Task item:
Would you please output the lines from the one holding "p47 = place(p21, origin())" to the end of the entries, exactly and with no others?

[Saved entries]
▼▼▼

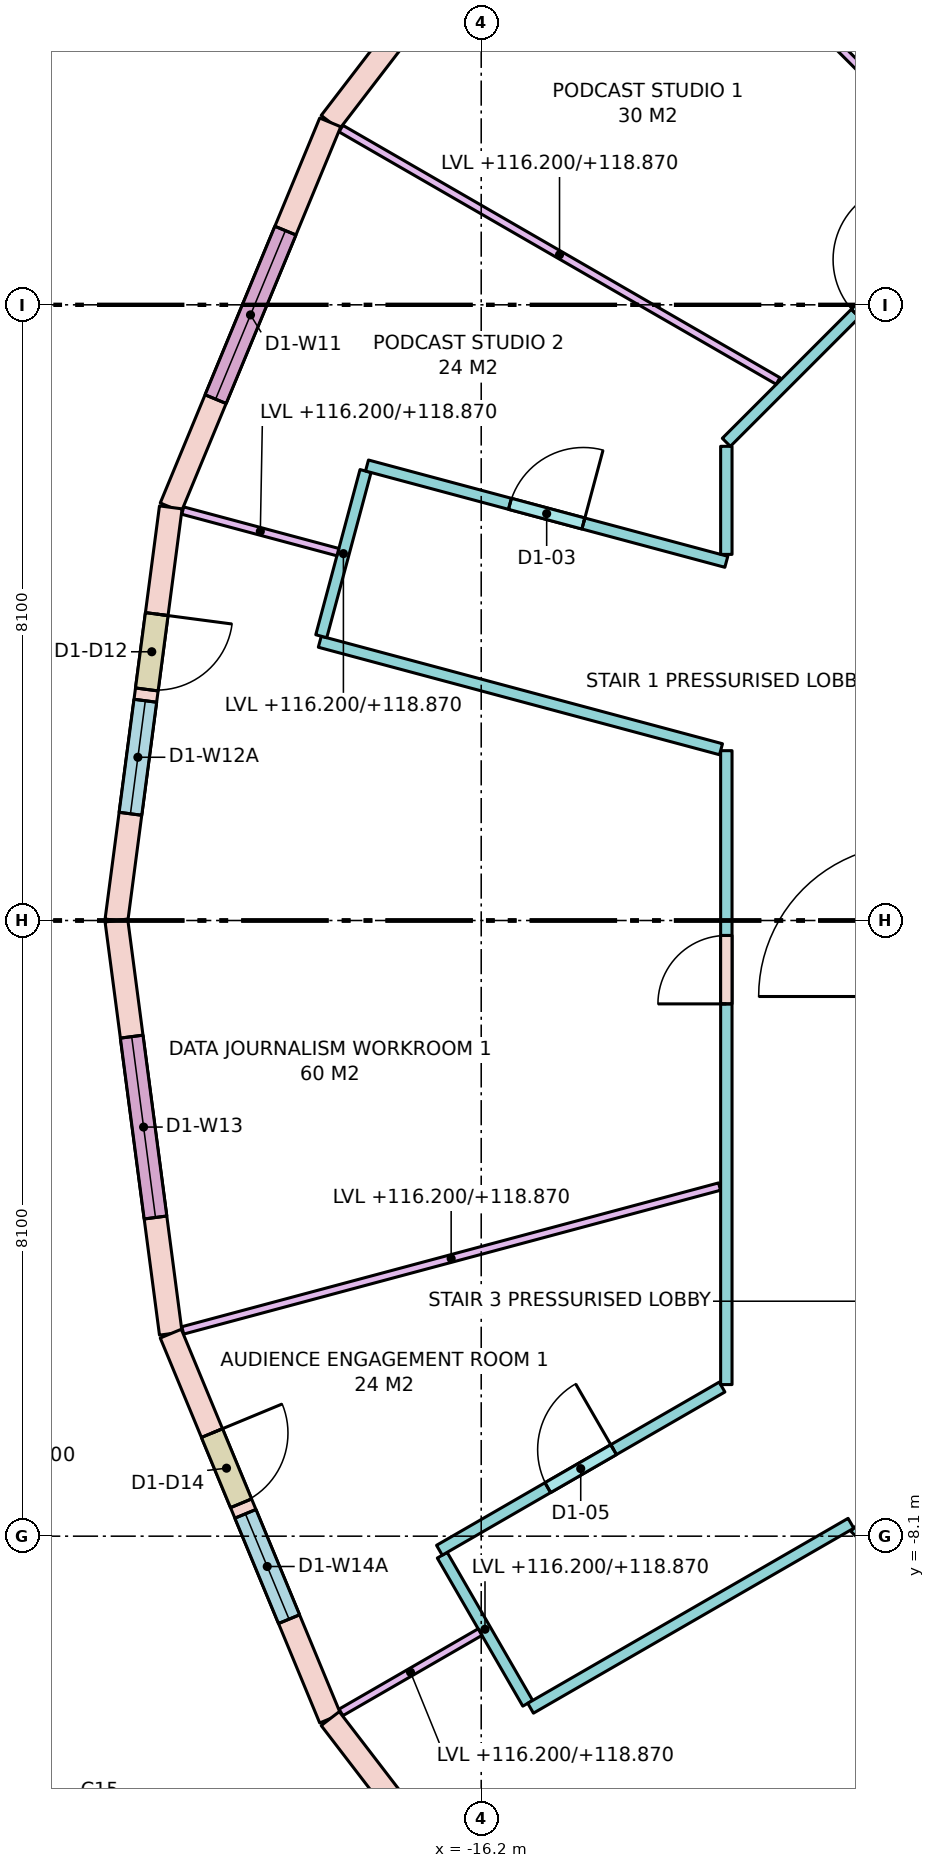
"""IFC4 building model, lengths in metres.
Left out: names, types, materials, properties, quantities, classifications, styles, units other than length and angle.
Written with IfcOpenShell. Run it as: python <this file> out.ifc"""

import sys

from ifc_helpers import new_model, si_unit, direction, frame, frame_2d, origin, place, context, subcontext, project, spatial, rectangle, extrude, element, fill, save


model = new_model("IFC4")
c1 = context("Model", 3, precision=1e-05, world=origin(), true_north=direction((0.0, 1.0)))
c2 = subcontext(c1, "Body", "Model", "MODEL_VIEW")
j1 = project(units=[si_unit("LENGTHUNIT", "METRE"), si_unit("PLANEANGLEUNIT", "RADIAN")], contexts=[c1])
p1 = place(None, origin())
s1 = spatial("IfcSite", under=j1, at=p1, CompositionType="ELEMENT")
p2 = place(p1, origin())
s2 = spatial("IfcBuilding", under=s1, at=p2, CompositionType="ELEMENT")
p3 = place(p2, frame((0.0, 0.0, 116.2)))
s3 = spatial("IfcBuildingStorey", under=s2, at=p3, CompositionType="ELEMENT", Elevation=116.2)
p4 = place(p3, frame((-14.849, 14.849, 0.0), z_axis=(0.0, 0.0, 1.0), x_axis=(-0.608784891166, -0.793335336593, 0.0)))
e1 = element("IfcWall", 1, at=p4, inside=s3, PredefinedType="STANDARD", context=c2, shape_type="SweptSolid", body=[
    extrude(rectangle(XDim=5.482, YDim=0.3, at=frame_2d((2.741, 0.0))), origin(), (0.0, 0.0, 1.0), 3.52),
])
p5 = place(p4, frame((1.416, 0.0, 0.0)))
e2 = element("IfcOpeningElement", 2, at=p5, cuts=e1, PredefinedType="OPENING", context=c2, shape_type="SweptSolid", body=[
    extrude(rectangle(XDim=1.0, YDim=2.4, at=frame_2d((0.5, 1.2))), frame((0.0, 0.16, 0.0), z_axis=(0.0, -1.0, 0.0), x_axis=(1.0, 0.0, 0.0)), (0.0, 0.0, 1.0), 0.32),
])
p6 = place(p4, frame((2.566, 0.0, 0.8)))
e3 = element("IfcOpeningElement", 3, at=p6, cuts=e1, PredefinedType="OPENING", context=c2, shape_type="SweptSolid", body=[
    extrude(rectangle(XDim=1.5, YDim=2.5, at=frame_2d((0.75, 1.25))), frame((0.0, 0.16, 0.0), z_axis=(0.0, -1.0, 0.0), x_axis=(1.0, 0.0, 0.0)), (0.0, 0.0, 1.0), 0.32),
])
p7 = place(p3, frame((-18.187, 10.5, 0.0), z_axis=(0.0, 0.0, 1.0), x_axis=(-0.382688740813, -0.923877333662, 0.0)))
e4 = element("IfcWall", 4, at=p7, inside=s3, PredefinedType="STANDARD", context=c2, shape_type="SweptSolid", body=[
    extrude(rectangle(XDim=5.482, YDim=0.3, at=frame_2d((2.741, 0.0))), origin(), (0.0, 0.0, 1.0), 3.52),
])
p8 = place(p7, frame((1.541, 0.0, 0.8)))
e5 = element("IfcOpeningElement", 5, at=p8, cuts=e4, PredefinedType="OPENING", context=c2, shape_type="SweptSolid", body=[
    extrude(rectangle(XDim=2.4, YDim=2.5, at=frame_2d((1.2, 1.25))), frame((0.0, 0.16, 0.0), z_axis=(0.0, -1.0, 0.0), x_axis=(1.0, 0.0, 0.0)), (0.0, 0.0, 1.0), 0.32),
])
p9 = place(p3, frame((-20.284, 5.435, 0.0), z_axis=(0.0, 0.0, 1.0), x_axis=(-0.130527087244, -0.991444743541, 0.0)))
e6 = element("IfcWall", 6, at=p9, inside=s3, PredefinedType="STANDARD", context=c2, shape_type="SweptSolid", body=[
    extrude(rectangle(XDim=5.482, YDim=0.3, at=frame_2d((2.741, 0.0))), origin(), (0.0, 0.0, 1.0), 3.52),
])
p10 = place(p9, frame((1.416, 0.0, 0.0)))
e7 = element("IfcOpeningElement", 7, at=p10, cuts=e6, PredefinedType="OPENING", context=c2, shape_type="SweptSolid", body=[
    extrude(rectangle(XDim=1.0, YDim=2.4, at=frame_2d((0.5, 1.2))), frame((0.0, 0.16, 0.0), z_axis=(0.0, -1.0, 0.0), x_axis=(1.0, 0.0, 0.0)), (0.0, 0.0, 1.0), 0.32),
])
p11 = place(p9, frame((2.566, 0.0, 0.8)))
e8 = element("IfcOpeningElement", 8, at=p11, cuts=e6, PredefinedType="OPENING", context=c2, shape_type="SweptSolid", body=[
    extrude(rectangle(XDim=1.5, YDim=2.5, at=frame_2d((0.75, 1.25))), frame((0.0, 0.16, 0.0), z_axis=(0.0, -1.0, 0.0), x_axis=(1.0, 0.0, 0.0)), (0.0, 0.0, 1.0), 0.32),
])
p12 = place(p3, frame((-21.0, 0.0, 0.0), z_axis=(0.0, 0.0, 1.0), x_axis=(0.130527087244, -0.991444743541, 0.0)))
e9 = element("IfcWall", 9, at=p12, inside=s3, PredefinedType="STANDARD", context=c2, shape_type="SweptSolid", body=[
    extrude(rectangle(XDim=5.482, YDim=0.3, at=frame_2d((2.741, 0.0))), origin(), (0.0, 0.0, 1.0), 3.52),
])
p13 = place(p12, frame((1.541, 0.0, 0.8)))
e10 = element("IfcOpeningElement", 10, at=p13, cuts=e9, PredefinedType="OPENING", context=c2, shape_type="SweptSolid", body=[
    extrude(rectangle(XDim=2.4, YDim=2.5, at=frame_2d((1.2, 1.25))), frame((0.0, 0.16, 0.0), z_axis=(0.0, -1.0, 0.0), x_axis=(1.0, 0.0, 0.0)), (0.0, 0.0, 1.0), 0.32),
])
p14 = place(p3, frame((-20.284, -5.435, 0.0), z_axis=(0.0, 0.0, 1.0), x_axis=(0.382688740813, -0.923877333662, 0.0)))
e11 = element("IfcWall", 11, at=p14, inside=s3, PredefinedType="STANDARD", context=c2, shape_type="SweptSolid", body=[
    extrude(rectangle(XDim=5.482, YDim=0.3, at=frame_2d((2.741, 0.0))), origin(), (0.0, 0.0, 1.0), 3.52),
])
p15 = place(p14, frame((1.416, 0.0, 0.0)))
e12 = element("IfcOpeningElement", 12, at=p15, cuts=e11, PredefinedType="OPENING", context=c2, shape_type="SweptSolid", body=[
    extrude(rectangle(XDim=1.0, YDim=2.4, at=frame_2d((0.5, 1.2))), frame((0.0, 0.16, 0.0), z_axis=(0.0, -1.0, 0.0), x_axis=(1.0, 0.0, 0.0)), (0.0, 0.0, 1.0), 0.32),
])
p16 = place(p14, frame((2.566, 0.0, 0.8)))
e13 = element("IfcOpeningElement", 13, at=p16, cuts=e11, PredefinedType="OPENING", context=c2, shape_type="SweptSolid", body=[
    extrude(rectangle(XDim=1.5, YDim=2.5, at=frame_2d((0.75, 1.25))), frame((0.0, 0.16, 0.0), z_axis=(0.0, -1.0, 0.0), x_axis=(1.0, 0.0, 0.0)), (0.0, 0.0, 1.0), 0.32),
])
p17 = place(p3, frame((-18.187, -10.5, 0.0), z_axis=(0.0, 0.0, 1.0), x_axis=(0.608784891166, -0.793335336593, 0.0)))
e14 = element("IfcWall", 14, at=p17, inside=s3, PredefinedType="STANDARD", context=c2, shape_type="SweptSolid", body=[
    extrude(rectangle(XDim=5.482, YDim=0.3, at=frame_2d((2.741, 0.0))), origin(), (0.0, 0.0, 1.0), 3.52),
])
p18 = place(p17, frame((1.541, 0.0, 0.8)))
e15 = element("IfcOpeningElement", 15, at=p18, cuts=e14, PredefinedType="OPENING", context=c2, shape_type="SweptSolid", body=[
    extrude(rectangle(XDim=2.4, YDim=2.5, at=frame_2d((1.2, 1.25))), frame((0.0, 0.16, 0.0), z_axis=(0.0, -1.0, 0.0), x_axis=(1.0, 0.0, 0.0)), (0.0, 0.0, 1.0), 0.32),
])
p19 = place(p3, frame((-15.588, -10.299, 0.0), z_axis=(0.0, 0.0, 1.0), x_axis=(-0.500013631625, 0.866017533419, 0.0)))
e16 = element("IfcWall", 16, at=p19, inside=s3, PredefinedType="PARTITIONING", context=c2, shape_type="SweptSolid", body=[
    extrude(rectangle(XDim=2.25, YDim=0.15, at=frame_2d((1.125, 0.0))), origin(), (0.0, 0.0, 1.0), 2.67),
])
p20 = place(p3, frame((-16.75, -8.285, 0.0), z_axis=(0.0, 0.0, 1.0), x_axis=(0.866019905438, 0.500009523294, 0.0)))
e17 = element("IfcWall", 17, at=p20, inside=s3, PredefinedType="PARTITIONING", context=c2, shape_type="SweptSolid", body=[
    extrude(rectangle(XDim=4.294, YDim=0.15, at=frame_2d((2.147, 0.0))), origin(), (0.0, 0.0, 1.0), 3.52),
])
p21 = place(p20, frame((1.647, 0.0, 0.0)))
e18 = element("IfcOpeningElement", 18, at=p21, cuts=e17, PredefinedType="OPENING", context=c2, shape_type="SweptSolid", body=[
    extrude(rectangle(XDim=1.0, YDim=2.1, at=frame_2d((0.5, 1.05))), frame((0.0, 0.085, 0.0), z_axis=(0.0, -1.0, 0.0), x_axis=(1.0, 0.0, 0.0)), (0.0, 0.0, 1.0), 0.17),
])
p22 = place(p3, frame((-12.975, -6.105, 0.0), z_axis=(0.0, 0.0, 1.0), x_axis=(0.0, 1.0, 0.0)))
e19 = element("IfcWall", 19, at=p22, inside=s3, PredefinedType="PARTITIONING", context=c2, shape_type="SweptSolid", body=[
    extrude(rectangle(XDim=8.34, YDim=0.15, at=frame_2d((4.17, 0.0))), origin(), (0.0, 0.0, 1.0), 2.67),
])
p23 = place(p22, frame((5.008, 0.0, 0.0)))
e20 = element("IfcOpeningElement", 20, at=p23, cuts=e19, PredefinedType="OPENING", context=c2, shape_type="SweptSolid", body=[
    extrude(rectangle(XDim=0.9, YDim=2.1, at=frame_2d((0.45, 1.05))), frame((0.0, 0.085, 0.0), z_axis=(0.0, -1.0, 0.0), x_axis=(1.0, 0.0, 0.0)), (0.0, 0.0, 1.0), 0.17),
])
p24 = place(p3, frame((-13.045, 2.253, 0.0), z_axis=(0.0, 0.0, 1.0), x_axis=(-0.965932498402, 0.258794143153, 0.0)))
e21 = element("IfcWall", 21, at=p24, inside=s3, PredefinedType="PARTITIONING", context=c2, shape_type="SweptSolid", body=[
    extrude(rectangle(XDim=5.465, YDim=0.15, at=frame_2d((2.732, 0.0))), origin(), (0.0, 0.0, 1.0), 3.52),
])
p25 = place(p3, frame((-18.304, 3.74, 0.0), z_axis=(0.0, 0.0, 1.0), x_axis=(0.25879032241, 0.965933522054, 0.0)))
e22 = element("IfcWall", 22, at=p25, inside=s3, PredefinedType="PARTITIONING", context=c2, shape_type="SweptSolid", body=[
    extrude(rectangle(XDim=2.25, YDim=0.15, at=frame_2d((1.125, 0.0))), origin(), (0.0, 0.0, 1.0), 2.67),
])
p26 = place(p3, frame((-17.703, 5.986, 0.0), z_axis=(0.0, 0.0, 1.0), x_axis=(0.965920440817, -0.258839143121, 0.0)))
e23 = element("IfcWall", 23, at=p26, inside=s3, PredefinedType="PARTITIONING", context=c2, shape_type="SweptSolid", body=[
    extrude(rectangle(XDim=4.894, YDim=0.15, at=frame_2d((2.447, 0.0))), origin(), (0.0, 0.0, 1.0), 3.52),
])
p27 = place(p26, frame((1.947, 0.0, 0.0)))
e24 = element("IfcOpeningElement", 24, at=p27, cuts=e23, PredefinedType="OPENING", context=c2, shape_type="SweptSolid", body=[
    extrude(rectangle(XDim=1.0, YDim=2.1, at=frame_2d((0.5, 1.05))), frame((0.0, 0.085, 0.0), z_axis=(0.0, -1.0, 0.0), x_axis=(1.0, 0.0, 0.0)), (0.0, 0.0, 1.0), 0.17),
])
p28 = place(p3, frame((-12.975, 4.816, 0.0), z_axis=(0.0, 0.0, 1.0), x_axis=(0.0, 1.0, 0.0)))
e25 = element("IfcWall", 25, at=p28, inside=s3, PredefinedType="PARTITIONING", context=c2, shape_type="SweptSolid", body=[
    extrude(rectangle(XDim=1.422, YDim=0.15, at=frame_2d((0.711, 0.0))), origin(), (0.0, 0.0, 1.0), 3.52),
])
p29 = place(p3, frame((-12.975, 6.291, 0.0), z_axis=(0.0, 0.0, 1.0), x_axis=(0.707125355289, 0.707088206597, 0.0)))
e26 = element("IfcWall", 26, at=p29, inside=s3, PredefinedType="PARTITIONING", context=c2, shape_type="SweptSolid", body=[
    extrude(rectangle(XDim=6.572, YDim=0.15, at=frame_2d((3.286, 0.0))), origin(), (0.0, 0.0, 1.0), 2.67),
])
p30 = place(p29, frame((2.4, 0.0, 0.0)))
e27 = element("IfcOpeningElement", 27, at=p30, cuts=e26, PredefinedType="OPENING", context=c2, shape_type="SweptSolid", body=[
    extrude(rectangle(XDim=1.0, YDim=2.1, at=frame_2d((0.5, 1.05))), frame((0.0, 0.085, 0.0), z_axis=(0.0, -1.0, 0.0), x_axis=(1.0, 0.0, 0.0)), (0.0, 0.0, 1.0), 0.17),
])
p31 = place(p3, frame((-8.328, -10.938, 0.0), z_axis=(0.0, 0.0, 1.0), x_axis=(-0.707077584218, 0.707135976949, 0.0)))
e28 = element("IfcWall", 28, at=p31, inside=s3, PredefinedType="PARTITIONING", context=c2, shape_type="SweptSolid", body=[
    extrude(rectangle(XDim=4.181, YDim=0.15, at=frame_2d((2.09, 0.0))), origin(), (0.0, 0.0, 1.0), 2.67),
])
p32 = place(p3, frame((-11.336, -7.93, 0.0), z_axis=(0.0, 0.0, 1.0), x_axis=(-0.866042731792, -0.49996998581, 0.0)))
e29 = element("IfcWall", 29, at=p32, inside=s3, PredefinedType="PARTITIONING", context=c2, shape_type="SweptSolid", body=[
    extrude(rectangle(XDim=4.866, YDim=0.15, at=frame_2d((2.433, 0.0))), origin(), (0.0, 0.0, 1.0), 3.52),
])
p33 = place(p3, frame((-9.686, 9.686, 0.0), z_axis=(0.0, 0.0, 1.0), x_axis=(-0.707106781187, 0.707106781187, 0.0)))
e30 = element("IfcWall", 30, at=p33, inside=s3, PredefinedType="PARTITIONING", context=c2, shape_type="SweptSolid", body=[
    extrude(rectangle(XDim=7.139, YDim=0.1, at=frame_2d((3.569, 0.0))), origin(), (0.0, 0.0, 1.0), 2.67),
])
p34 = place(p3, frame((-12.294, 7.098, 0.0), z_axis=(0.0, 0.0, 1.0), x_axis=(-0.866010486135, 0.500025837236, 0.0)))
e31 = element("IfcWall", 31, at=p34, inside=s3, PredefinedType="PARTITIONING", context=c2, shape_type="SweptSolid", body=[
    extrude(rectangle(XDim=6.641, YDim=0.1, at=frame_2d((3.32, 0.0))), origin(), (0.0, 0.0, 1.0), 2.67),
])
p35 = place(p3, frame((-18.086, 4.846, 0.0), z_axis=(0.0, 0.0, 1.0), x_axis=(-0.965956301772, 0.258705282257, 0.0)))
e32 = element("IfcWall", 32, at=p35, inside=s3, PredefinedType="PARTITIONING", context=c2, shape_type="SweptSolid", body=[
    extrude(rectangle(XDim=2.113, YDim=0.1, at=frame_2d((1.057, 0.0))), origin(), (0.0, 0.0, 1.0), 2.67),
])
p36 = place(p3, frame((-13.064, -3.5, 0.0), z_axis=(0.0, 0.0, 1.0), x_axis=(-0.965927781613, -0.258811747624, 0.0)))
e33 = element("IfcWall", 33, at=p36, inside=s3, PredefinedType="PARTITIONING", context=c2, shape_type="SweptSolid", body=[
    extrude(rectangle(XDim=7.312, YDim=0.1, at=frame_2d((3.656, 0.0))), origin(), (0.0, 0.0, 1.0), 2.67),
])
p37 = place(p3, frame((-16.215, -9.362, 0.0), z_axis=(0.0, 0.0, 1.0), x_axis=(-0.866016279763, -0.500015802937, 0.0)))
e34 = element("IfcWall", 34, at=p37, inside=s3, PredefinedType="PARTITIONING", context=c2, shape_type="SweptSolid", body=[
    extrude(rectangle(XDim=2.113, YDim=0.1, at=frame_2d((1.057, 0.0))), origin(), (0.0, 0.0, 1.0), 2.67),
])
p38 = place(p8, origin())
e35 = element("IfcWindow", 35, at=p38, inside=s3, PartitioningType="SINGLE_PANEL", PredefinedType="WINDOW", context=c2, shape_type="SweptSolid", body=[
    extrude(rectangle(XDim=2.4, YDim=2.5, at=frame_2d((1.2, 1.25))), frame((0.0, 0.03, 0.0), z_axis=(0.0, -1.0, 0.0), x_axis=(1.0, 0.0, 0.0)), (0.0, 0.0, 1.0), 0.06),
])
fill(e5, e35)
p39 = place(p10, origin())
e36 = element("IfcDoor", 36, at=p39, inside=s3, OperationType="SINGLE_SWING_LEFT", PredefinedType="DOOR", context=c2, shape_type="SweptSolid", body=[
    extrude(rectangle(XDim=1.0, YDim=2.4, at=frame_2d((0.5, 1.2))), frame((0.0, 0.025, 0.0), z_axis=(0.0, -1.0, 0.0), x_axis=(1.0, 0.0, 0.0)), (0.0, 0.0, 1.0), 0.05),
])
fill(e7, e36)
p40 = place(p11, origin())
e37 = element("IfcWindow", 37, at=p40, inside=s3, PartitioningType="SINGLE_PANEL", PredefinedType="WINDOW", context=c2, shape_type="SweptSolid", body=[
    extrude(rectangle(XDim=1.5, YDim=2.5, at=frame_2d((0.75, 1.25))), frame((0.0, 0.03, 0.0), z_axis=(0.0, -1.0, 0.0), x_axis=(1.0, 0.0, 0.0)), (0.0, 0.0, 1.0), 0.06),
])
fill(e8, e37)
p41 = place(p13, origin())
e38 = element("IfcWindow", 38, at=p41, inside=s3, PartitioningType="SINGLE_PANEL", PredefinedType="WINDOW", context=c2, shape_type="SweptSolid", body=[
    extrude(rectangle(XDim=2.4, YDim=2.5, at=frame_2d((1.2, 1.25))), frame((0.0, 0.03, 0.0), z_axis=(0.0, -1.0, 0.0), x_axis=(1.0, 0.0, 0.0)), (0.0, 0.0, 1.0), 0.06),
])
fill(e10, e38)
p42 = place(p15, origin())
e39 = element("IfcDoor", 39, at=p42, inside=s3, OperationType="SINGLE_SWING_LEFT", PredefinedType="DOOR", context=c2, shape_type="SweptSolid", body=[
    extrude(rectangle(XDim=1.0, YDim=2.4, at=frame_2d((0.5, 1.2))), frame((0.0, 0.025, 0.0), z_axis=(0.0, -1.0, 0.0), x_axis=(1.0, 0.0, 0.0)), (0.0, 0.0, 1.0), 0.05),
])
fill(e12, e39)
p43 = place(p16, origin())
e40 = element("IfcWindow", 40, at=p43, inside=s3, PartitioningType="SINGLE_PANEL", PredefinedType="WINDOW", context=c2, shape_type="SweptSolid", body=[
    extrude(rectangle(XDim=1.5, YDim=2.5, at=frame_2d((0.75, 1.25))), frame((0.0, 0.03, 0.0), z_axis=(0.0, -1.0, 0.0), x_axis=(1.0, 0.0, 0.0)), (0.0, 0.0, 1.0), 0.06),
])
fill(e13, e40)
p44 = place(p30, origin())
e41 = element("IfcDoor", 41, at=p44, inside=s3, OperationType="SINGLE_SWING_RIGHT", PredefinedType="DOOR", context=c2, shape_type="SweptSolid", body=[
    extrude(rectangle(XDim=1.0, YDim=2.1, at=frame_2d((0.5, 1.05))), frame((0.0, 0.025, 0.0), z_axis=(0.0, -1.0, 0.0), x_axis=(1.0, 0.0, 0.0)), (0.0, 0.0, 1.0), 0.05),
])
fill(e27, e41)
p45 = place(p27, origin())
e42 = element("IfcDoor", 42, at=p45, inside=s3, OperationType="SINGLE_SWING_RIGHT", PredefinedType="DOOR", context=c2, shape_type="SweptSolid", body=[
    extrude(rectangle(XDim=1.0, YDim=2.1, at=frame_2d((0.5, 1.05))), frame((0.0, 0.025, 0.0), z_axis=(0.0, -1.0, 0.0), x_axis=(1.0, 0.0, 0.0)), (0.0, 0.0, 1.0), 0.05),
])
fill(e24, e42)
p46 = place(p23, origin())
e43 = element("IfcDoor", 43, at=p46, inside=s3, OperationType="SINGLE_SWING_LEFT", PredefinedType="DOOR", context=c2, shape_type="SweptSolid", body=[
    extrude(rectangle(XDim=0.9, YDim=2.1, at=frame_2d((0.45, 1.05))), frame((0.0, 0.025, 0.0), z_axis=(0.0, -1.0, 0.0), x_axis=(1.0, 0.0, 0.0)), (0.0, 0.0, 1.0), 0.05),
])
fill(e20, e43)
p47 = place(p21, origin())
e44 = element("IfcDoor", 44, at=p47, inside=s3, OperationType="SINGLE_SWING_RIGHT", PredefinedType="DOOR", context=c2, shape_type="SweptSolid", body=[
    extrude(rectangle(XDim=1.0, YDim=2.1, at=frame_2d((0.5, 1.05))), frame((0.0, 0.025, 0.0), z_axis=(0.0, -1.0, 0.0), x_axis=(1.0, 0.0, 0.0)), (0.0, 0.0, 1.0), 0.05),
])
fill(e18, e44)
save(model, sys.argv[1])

▲▲▲

Answer to the exercise:
p47 = place(p21, origin())
e44 = element("IfcDoor", 44, at=p47, inside=s3, OperationType="SINGLE_SWING_RIGHT", PredefinedType="DOOR", context=c2, shape_type="SweptSolid", body=[
    extrude(rectangle(XDim=1.0, YDim=2.1, at=frame_2d((0.5, 1.05))), frame((0.0, 0.025, 0.0), z_axis=(0.0, -1.0, 0.0), x_axis=(1.0, 0.0, 0.0)), (0.0, 0.0, 1.0), 0.05),
])
fill(e18, e44)
save(model, sys.argv[1])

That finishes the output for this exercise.